◆ **TASK STATEMENT**: Go through the data below and copy each line where the word "color" occurs.

···

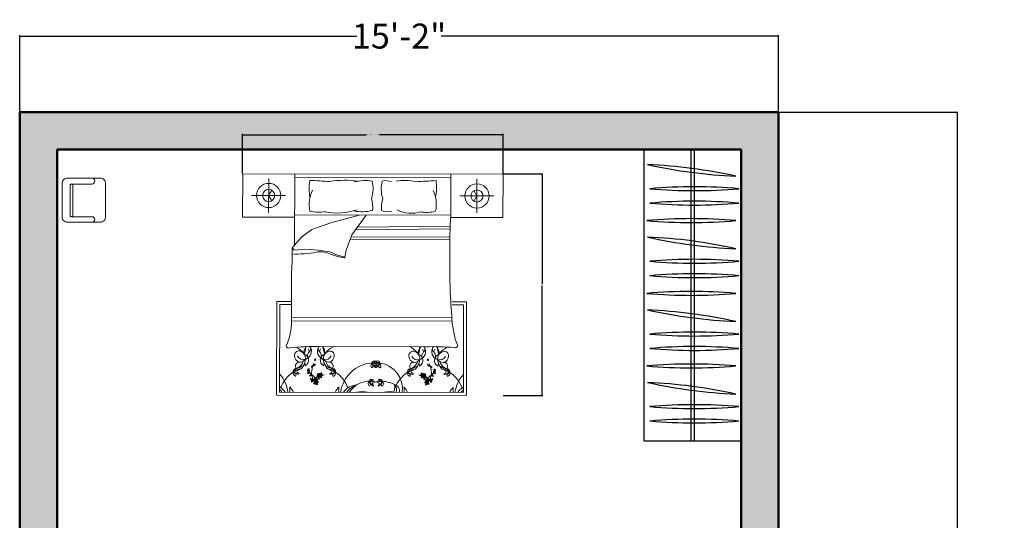
# Model space of a CAD drawing. Units: inches. Extents: x 3 to 485, y -522 to 42.
# Tile 6 of 6: x 249 to 485, y -84 to 36. Entities that reach past the tile are written whole.
import ezdxf

# ---------------------------------------------------------------- set-up
doc = ezdxf.new("R2010")
doc.units = ezdxf.units.IN
doc.header["$MEASUREMENT"] = 0
for name, color, linetype, lineweight in [('A-ANNO-DIMS', 2, 'Continuous', 18), ('A-FLOR-CASE', 8, 'Continuous', 25), ('A-FURN', 8, 'Continuous', 18), ('A-WALL', 7, 'Continuous', 50)]:
    doc.layers.add(name, color=color, linetype=linetype, lineweight=lineweight)
doc.layers.add('A-WALL-PATT', color=18, linetype='Continuous', lineweight=13, true_color=0x000000)
doc.styles.get("Standard").update_dxf_attribs({"font": 'arial.ttf'})
doc.dimstyles.get("Standard").update_dxf_attribs({"dimtxt": 0.18, "dimasz": 0.18, "dimexe": 0.18, "dimexo": 0.0625, "dimgap": 0.09, "dimtad": 0, "dimtih": 1, "dimtoh": 1, "dimdec": 0, "dimzin": 0, "dimdsep": 46, "dimlunit": 3, "dimtxsty": 'Standard', "dimcen": 0.09, "dimadec": 0, "dimazin": 0, "dimtfac": 1, "dimtdec": 0, "dimtofl": 0, "dimtmove": 0, "dimatfit": 3, "dimfxl": 1, "dimtolj": 1, "dimtzin": 0, "dimarcsym": 0})

# ---------------------------------------------------------------- blocks, each defined once
blk = doc.blocks.new('*D6')
at = {"layer": 'A-ANNO-DIMS', "color": 0, "lineweight": -2, "transparency": 16777216}
for p, q in [((248.79, 14.07), (248.79, 32.43)), ((248.97, 32.25), (329.68, 32.25)), ((430.61, 32.25), (349.9, 32.25)), ((430.79, 14.07), (430.79, 32.43))]:
    blk.add_line(p, q, dxfattribs=at)
at = {"layer": 'A-ANNO-DIMS', "color": 0, "transparency": 16777216}
for points in [[(248.97, 32.28), (248.97, 32.22), (248.79, 32.25)], [(430.61, 32.28), (430.61, 32.22), (430.79, 32.25)]]:
    blk.add_solid(points, dxfattribs=at)
at = {"layer": 'Defpoints', "color": 0, "transparency": 16777216}
for p in [(430.79, 32.25), (248.79, 14), (430.79, 14)]:
    blk.add_point(p, dxfattribs=at)
at = {"layer": 'A-ANNO-DIMS', "color": 0, "transparency": 16777216, "insert": (339.79, 32.25), "char_height": 6, "attachment_point": 5}
blk.add_mtext('\\A1;15\'-2"', dxfattribs=at)
blk = doc.blocks.new('*D7')
at = {"layer": 'A-ANNO-DIMS', "color": 0, "lineweight": -2, "transparency": 16777216}
for p, q in [((430.85, 14), (473.81, 14)), ((473.63, 13.82), (473.63, -230.89)), ((473.63, -481.82), (473.63, -237.1)), ((430.85, -482), (473.81, -482))]:
    blk.add_line(p, q, dxfattribs=at)
at = {"layer": 'A-ANNO-DIMS', "color": 0, "transparency": 16777216}
for points in [[(473.6, 13.82), (473.66, 13.82), (473.63, 14)], [(473.6, -481.82), (473.66, -481.82), (473.63, -482)]]:
    blk.add_solid(points, dxfattribs=at)
at = {"layer": 'Defpoints', "color": 0, "transparency": 16777216}
for p in [(430.79, 14), (430.79, -482), (473.63, -482)]:
    blk.add_point(p, dxfattribs=at)
at = {"layer": 'A-ANNO-DIMS', "color": 0, "transparency": 16777216, "insert": (473.63, -234), "char_height": 6, "attachment_point": 5}
blk.add_mtext('\\A1;41\'-4"', dxfattribs=at)
blk = doc.blocks.new('BED-DOUBLE-WITH-NIGHTSTANDS')
for p, q in [((53.23, 62.45), (53.09, 0)), ((48, 52.14), (48.02, 60.3)), ((0, 8.8), (0.1, 54.33)), ((0.1, 54.33), (22.6, 54.28)), ((43.93, 56.23), (52.09, 56.21)), ((0.82, 53.6), (0.73, 9.52)), ((21.87, 53.56), (0.82, 53.6)), ((21.87, 50.75), (21.87, 53.56)), ((22.6, 54.28), (22.59, 50.74)), ((17.83, 12.23), (17.92, 50.76)), ((18.61, 12.28), (18.7, 50.76)), ((34.9, 50.06), (35.41, 50.56)), ((35.15, 47.53), (34.9, 50.06)), ((35.41, 50.56), (38.06, 48.28)), ((53.2, 49.96), (36.06, 50)), ((43.33, 49.98), (43.25, 12.51)), ((52.32, 12.49), (52.4, 49.96)), ((7.14, 47.43), (7.85, 47.57)), ((34.89, 44.36), (35.15, 47.53)), ((38.06, 48.28), (39.83, 45.87)), ((39.83, 45.87), (41.46, 41.31)), ((7.13, 43.07), (7.84, 42.93)), ((11.71, 18.64), (11.77, 44)), ((34.51, 41.58), (34.89, 44.36)), ((33.74, 39.94), (34.51, 41.58)), ((41.46, 41.31), (43.3, 34.5)), ((33.23, 37.92), (33.74, 39.94)), ((34.88, 37.66), (33.23, 37.92)), ((38.54, 36.26), (34.88, 37.66)), ((37.41, 12.75), (37.36, 36.71)), ((38.05, 12.75), (38.01, 36.46)), ((43.3, 32.83), (38.54, 36.26)), ((40.02, 12.71), (39.75, 35.39)), ((40.66, 12.69), (40.39, 34.92)), ((7.08, 20.02), (7.79, 20.16)), ((7.07, 15.66), (7.78, 15.52)), ((21.78, 9.47), (21.78, 12.22)), ((22.51, 12.21), (22.5, 8.75)), ((0.73, 9.52), (21.78, 9.47)), ((47.91, 10.34), (47.89, 2.18)), ((22.5, 8.75), (0, 8.8)), ((43.82, 6.27), (51.98, 6.25))]:
    blk.add_line(p, q)
for points in [[(42.79, 49.99), (42.82, 62.48), (53.23, 62.45)], [(48.01, 56.22), (46.75, 55.49)], [(48.01, 56.22), (49.27, 55.49)], [(53.12, 12.49), (42.71, 12.51), (42.69, 0.02), (53.09, 0)], [(47.9, 6.26), (46.64, 6.99)], [(47.9, 6.26), (49.17, 6.98)]]:
    blk.add_lwpolyline(points)
for points in [[(29.69, 50.7, 0.001242), (17.84, 50.76, -0.127202), (11.94, 52.03)], [(51.64, 46.38, 0.074897), (47.56, 46.31, -0.472817)], [(47.3, 31.53, 0.14099), (51.46, 31.4, 0.235245)], [(47.29, 28.87, -0.14099), (51.46, 28.98, -0.235245)], [(51.57, 16.08, -0.074897), (47.49, 16.17, 0.472817)], [(19.1, 12.3, 0.056112), (15.67, 11.85, 0.095341), (12.35, 10.98)]]:
    blk.add_lwpolyline(points, format="xyb")
for centre, radius in [((48.01, 56.22), 2.91), ((48.01, 56.22), 1.46), ((3.2, 44.87), 0.159), ((4.87, 43.83), 0.159), ((4.82, 19.27), 0.159), ((3.14, 18.23), 0.159), ((47.9, 6.26), 2.91), ((47.9, 6.26), 1.46)]:
    blk.add_circle(centre, radius)
for centre, radius, start, end in [((-2.1, 57.02), 4.95, 306.1777, 316.3555), ((-1.36, 55.59), 3.97, 303.3358, 329.9857), ((-0.26, 59.68), 8.16, 277.6191, 311.7597), ((-1.1, 45.72), 8.16, 34.2606, 68.4649), ((11.98, 51.45), 0.576, 93.8541, 207.2153), ((-0.45, 53.36), 3.32, 292.4288, 318.8287), ((1.35, 62.44), 11.28, 267.2822, 273.526), ((5.45, 49.43), 0.904, 77.5856, 158.9128), ((4.96, 50.34), 0.681, 238.3374, 358.161), ((7.19, 48.96), 2.06, 138.7143, 177.8093), ((5.95, 49.72), 0.667, 117.5568, 223.6503), ((5.8, 49.66), 0.676, 2.8257, 103.6021), ((11.21, 51.54), 5.71, 192.3914, 207.0565), ((4.88, 49.27), 1.29, 345.3394, 54.1084), ((6.83, 51.04), 1.39, 211.2568, 255.171), ((7.09, 48.86), 0.937, 350.1381, 160.7429), ((9.5, 48.51), 1.49, 84.8189, 172.7598), ((9.65, 48.95), 1.05, 354.3597, 90.9279), ((-53.24, 44.88), 65.02, 359.2174, 5.5628), ((33.98, 107.83), 57.28, 265.7035, 271.4271), ((57.53, 49.44), 23.57, 177.326, 191.2133), ((5.23, 49.03), 0.101, 177.8093, 11.3575), ((5.28, 49.04), 0.0492, 11.3575, 127.815), ((5.53, 49.32), 0.0882, 223.6503, 159.5924), ((7.38, 49.09), 1.17, 175.8431, 254.1786), ((6.08, 49.06), 0.574, 333.8496, 53.1422), ((5.82, 47.83), 1.25, 6.0403, 51.4566), ((9.16, 50.72), 2.95, 211.1355, 251.5786), ((8.92, 50.74), 3.35, 236.1624, 266.3817), ((8.49, 48.2), 1.55, 209.7826, 343.0078), ((9.83, 48.77), 1.81, 182.2332, 233.9142), ((10.06, 47.93), 1.45, 111.456, 201.2962), ((8.87, 49.27), 1.88, 265.1674, 346.7951), ((9.14, 47.22), 0.388, 167.1782, 285.0212), ((10.18, 45.36), 2.41, 122.5752, 126.2186), ((10.64, 47.96), 1.99, 199.1563, 299.0492), ((11.32, 49.96), 2.59, 238.6959, 279.0295), ((10.18, 45.36), 2.41, 55.6591, 94.6045), ((7.39, 51.7), 4.73, 303.5412, 333.1738), ((11.08, 46.76), 0.752, 29.9034, 52.1991), ((2.9, 44.66), 0.263, 61.0937, 168.9144), ((3.07, 45.2), 0.314, 157.2827, 261.3127), ((2.9, 45.21), 0.158, 57.924, 135.5009), ((3.06, 45.11), 0.105, 172.7801, 277.0061), ((2.72, 44.92), 0.501, 14.6299, 57.924), ((3.42, 45.05), 0.217, 35.9787, 181.3022), ((3.43, 45.9), 0.178, 124.2279, 214.2664), ((3.69, 45.87), 0.414, 190.1798, 287.0699), ((3.29, 45.22), 0.219, 269.9386, 331.0248), ((3.48, 45.17), 0.25, 221.7153, 265.6618), ((3.81, 46.02), 0.481, 176.8442, 248.1654), ((7.25, 48.55), 4.65, 212.5525, 216.2487), ((3.48, 45.07), 0.156, 263.6267, 41.5794), ((3.44, 44.65), 0.265, 11.4378, 86.2391), ((3.65, 45.91), 0.184, 216.2487, 291.6289), ((5.27, 43.32), 2.59, 123.8774, 132.3658), ((2.6, 43), 2.77, 63.656, 68.1654), ((4.08, 45.13), 0.441, 128.1949, 208.6903), ((4.09, 45.78), 0.414, 122.6896, 187.2733), ((4.16, 45.16), 0.527, 207.5784, 254.2257), ((3.77, 45.61), 0.139, 289.2346, 111.6289), ((3.87, 45.61), 0.139, 221.7444, 44.1387), ((4.5, 45.2), 0.725, 157.1046, 228.9376), ((4.27, 45.72), 0.481, 109.354, 177.5569), ((4.25, 45.44), 0.427, 174.3285, 220.4929), ((1.82, 43.06), 3.11, 30.4181, 49.6921), ((4.01, 46.03), 0.178, 56.7377, 146.7762), ((4.1, 45.83), 0.184, 148.7585, 224.1387), ((3.54, 44.83), 0.513, 339.8782, 40.4929), ((7.92, 43.52), 4.65, 145.0623, 148.7585), ((5.27, 43.32), 2.59, 94.6301, 119.0782), ((10.78, 39.58), 8.53, 132.1153, 142.0485), ((6.49, 46.38), 1.76, 178.2005, 187.0043), ((4.59, 46.14), 0.328, 11.1997, 64.3362), ((5.7, 46.61), 0.987, 190.1329, 210.5301), ((5.04, 46.21), 0.3, 188.2173, 274.161), ((5.3, 46.37), 0.523, 210.5301, 242.5082), ((5.7, 46.82), 1, 218.0842, 226.1812), ((4.95, 45.98), 0.127, 325.6398, 67.3157), ((1.01, 50.24), 5.93, 313.0282, 321.92), ((5.39, 40.75), 5.17, 73.4583, 93.7018), ((5.37, 46.67), 0.122, 142.3478, 264.9271), ((5.53, 46.7), 0.263, 127.6362, 168.9144), ((5.39, 46.92), 0.37, 264.9271, 338.2359), ((5.88, 46.41), 0.483, 113.3017, 137.4845), ((5.82, 46.91), 0.159, 183.1509, 356.5973), ((5.94, 46.62), 0.26, 139.663, 227.5532), ((5.85, 46.53), 0.137, 227.5532, 350.2228), ((5.32, 46.63), 0.521, 352.9593, 15.5912), ((5.67, 46.57), 0.329, 350.2228, 43.5279), ((6.28, 46.9), 0.382, 198.6004, 262.3773), ((5.97, 46.73), 0.152, 0.9822, 91.7416), ((6.07, 46.69), 0.265, 11.4378, 52.5099), ((6.26, 46.64), 0.123, 255.1097, 54.7989), ((8.59, 46), 1.76, 178.2005, 187.0043), ((6.69, 45.76), 0.328, 11.1997, 64.3362), ((7.8, 46.23), 0.987, 190.1329, 210.5301), ((7.14, 45.83), 0.3, 188.2173, 274.161), ((7.4, 46), 0.523, 210.5301, 242.5082), ((7.8, 46.44), 1, 218.0842, 226.1812), ((7.05, 45.6), 0.127, 325.6398, 67.3157), ((7.41, 45.37), 0.3, 147.4073, 233.3509), ((7.68, 45.52), 0.523, 179.06, 211.0381), ((7.17, 45.41), 0.127, 354.2525, 95.9284), ((5.39, 40.75), 5.17, 62.8773, 69.7682), ((8.08, 45.76), 0.987, 211.0381, 231.4353), ((8.25, 46.56), 1.76, 234.5639, 243.3677), ((8.27, 45.66), 1, 195.387, 203.484), ((7.14, 45.01), 0.328, 357.232, 50.3685), ((8.55, 45.07), 0.12, 12.5792, 190.3125), ((8.62, 45.08), 0.196, 190.3125, 10.2877), ((9.57, 45.61), 1.28, 41.4394, 105.0212), ((10.28, 48.26), 1.8, 277.3101, 299.789), ((11.23, 47.07), 0.935, 221.4394, 293.7095), ((11.08, 46.76), 0.752, 314.3258, 333.4321), ((52.37, 44.15), 8.37, 164.978, 190.911), ((45.9, 38.43), 8.05, 65.0057, 101.6324), ((645.92, 10.65), 595.35, 176.55931, 177.02387), ((2.74, 44.63), 0.122, 142.3478, 264.9271), ((2.76, 44.88), 0.37, 264.9271, 338.2359), ((3.25, 44.37), 0.483, 113.3017, 137.4845), ((3.31, 44.59), 0.26, 139.663, 227.5532), ((3.23, 44.5), 0.137, 227.5532, 350.2228), ((2.7, 44.59), 0.521, 352.9593, 15.5912), ((3.04, 44.53), 0.329, 350.2228, 43.5279), ((3.65, 44.87), 0.382, 198.6004, 262.3773), ((3.35, 44.69), 0.152, 0.9822, 91.7416), ((3.63, 44.61), 0.123, 255.1097, 54.7989), ((3.82, 44.86), 0.725, 270.1521, 341.9851), ((4.3, 43.95), 0.513, 98.5968, 159.2116), ((4.05, 44.61), 0.527, 244.864, 291.5114), ((4.16, 44.88), 0.427, 278.5968, 324.7613), ((4.09, 44.54), 0.441, 290.3994, 358.4116), ((4.41, 43.59), 0.122, 142.3478, 264.9271), ((4.57, 43.61), 0.263, 61.0937, 168.9144), ((4.44, 43.84), 0.37, 264.9271, 338.2359), ((4.75, 44.15), 0.314, 157.2827, 261.3127), ((4.57, 44.17), 0.158, 57.924, 135.5009), ((4.95, 44.66), 0.441, 182.724, 265.9967), ((4.78, 44.97), 0.427, 231.6348, 277.7993), ((5.11, 45.05), 0.725, 214.411, 286.244), ((4.92, 43.33), 0.483, 113.3017, 137.4845), ((4.74, 44.07), 0.105, 172.7801, 277.0061), ((4.39, 43.87), 0.501, 14.6299, 57.924), ((1.82, 43.06), 3.11, 22.9242, 23.7218), ((4.99, 43.54), 0.26, 139.663, 227.5532), ((4.9, 43.45), 0.137, 227.5532, 350.2228), ((4.9, 44.04), 0.513, 37.1845, 97.7993), ((5.09, 44.01), 0.217, 35.9787, 181.3022), ((4.37, 43.55), 0.521, 352.9593, 15.5912), ((4.96, 44.75), 0.527, 264.8847, 311.5321), ((1.82, 43.06), 3.11, 356.9812, 4.6326), ((4.71, 43.48), 0.329, 350.2228, 43.5279), ((5.32, 43.82), 0.382, 198.6004, 262.3773), ((4.97, 44.18), 0.219, 269.9386, 331.0248), ((5.15, 44.12), 0.25, 221.7153, 265.6618), ((5.02, 43.64), 0.152, 0.9822, 91.7416), ((5.15, 44.03), 0.156, 263.6267, 41.5794), ((5.12, 43.61), 0.265, 11.4378, 86.2391), ((5.3, 43.56), 0.123, 255.1097, 54.7989), ((7.36, 41.41), 1.17, 105.5696, 183.9051), ((5.81, 42.68), 1.25, 308.2916, 353.7079), ((9.14, 39.78), 2.95, 108.1696, 148.6127), ((8.9, 39.75), 3.35, 93.3665, 123.5858), ((8.48, 42.29), 1.55, 16.7404, 149.9656), ((9.81, 41.72), 1.81, 125.834, 177.515), ((10.05, 42.56), 1.45, 158.4519, 248.2922), ((8.85, 41.22), 1.88, 12.9531, 94.5808), ((9.13, 43.27), 0.388, 74.727, 192.57), ((10.63, 42.53), 1.99, 60.699, 160.5919), ((10.18, 45.13), 2.41, 233.5296, 237.173), ((9.57, 44.88), 1.28, 254.727, 318.3088), ((11.3, 40.52), 2.59, 79.5874, 121.0523), ((10.18, 45.13), 2.41, 265.1437, 304.089), ((7.36, 38.8), 4.73, 21.3682, 56.207), ((10.27, 42.23), 1.8, 59.9592, 82.4381), ((11.22, 43.41), 0.935, 66.0387, 138.3088), ((11.08, 43.73), 0.752, 307.5491, 336.5885), ((11.08, 43.73), 0.752, 23.1031, 45.4224), ((29.42, 43.87), 5.08, 336.1357, 11.2133), ((58.3, 39.73), 14.52, 167.9138, 199.1356), ((-0.49, 37.18), 3.32, 40.9195, 67.3194), ((-1.1, 44.81), 8.16, 291.2833, 325.4876), ((4.94, 40.17), 0.681, 1.5872, 121.4108), ((5.43, 41.08), 0.904, 200.8354, 282.1626), ((5.21, 41.48), 0.101, 348.3907, 181.9389), ((7.17, 41.55), 2.06, 181.9389, 221.0339), ((5.26, 41.47), 0.0492, 231.9332, 348.3907), ((5.93, 40.78), 0.667, 136.0979, 242.1914), ((5.55, 41.17), 0.0532, 200.1408, 136.1012), ((4.87, 41.24), 1.29, 305.6398, 14.4087), ((11.19, 38.94), 5.71, 152.6917, 167.3568), ((5.78, 40.85), 0.676, 256.1461, 356.9225), ((6.81, 39.46), 1.39, 104.5772, 148.4914), ((7.08, 41.64), 0.937, 199.0053, 9.6101), ((6.06, 41.45), 0.574, 306.606, 25.8985), ((9.48, 41.98), 1.49, 186.9883, 274.9292), ((9.63, 41.55), 1.05, 268.8203, 5.3885), ((56.83, 33.53), 24.22, 159.9935, 169.2124), ((29.02, 37.87), 22.65, 352.0937, 9.3711), ((1.28, 28.09), 11.28, 86.2222, 92.466), ((-0.33, 30.86), 8.16, 4.3364, 82.1291), ((-1.41, 34.95), 3.97, 1.1461, 56.4124), ((33.18, 38.06), 0.151, 178.7364, 289.6277), ((-2.15, 33.52), 4.95, 17.7245, 53.5705), ((-3.55, 30.92), 7.37, 33.8864, 53.9271), ((55.12, 33.86), 11.01, 169.7358, 193.4979), ((40.46, 33.06), 11.13, 351.399, 13.8341), ((-3.51, 33.77), 4.48, 343.4172, 16.8943), ((-4.69, 31.49), 8.16, 4.3364, 27.2887), ((-5.82, 32), 6.63, 4.2528, 5.5098), ((-10.38, 28.52), 11.85, 19.5958, 19.7769), ((2.83, 31.44), 0.904, 47.6614, 128.9886), ((2.86, 32.47), 0.681, 208.4132, 328.2368), ((2.44, 31.2), 0.101, 147.8851, 341.4333), ((4.1, 30.16), 2.06, 108.79, 147.8851), ((2.49, 31.18), 0.0492, 341.4333, 97.8908), ((3.41, 31.44), 0.667, 87.6326, 193.7261), ((2.85, 31.31), 0.0882, 193.7261, 129.7986), ((8.88, 30.39), 5.71, 162.4671, 177.1323), ((2.26, 31.58), 1.29, 315.4152, 24.1842), ((4.83, 32.14), 1.39, 181.3326, 225.2468), ((3.25, 31.46), 0.676, 332.9015, 73.6778), ((7.2, 30.81), 0.904, 47.6614, 128.9886), ((7.23, 31.83), 0.681, 208.4132, 328.2368), ((8.47, 29.52), 2.06, 108.79, 147.8851), ((7.78, 30.81), 0.667, 87.6326, 193.7261), ((7.22, 30.67), 0.0882, 193.7261, 129.7986), ((6.63, 30.95), 1.29, 315.4152, 24.1842), ((13.25, 29.76), 5.71, 162.4671, 177.1323), ((6.63, 30.06), 1.29, 335.564, 44.333), ((13.25, 31.23), 5.71, 182.6159, 197.2811), ((7.62, 30.83), 0.676, 332.9015, 73.6778), ((9.2, 31.51), 1.39, 181.3326, 225.2468), ((45.23, 38.9), 7.65, 263.887, 285.7034), ((1.56, 30.44), 6.31, 262.7377, 351.6938), ((-3.52, 27.29), 4.48, 342.8539, 16.331), ((-5.83, 29.07), 6.63, 354.2384, 355.4954), ((-10.37, 32.57), 11.85, 339.9713, 340.1524), ((2.85, 28.56), 0.681, 31.5114, 151.335), ((2.83, 29.59), 0.904, 230.7596, 312.0868), ((2.44, 29.83), 0.101, 18.3149, 211.8631), ((4.1, 30.87), 2.06, 211.8631, 250.9581), ((2.49, 29.85), 0.0492, 261.8574, 18.3149), ((-4.7, 29.57), 8.16, 332.4595, 355.4118), ((3.41, 29.58), 0.667, 166.0221, 272.1156), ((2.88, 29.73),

···

◆ **ANSWER BELOW**:
for name, color, linetype, lineweight in [('A-ANNO-DIMS', 2, 'Continuous', 18), ('A-FLOR-CASE', 8, 'Continuous', 25), ('A-FURN', 8, 'Continuous', 18), ('A-WALL', 7, 'Continuous', 50)]:
    doc.layers.add(name, color=color, linetype=linetype, lineweight=lineweight)
doc.layers.add('A-WALL-PATT', color=18, linetype='Continuous', lineweight=13, true_color=0x000000)
at = {"layer": 'A-ANNO-DIMS', "color": 0, "lineweight": -2, "transparency": 16777216}
at = {"layer": 'A-ANNO-DIMS', "color": 0, "transparency": 16777216}
at = {"layer": 'Defpoints', "color": 0, "transparency": 16777216}
at = {"layer": 'A-ANNO-DIMS', "color": 0, "transparency": 16777216, "insert": (339.79, 32.25), "char_height": 6, "attachment_point": 5}
at = {"layer": 'A-ANNO-DIMS', "color": 0, "lineweight": -2, "transparency": 16777216}
at = {"layer": 'A-ANNO-DIMS', "color": 0, "transparency": 16777216}
at = {"layer": 'Defpoints', "color": 0, "transparency": 16777216}
at = {"layer": 'A-ANNO-DIMS', "color": 0, "transparency": 16777216, "insert": (473.63, -234), "char_height": 6, "attachment_point": 5}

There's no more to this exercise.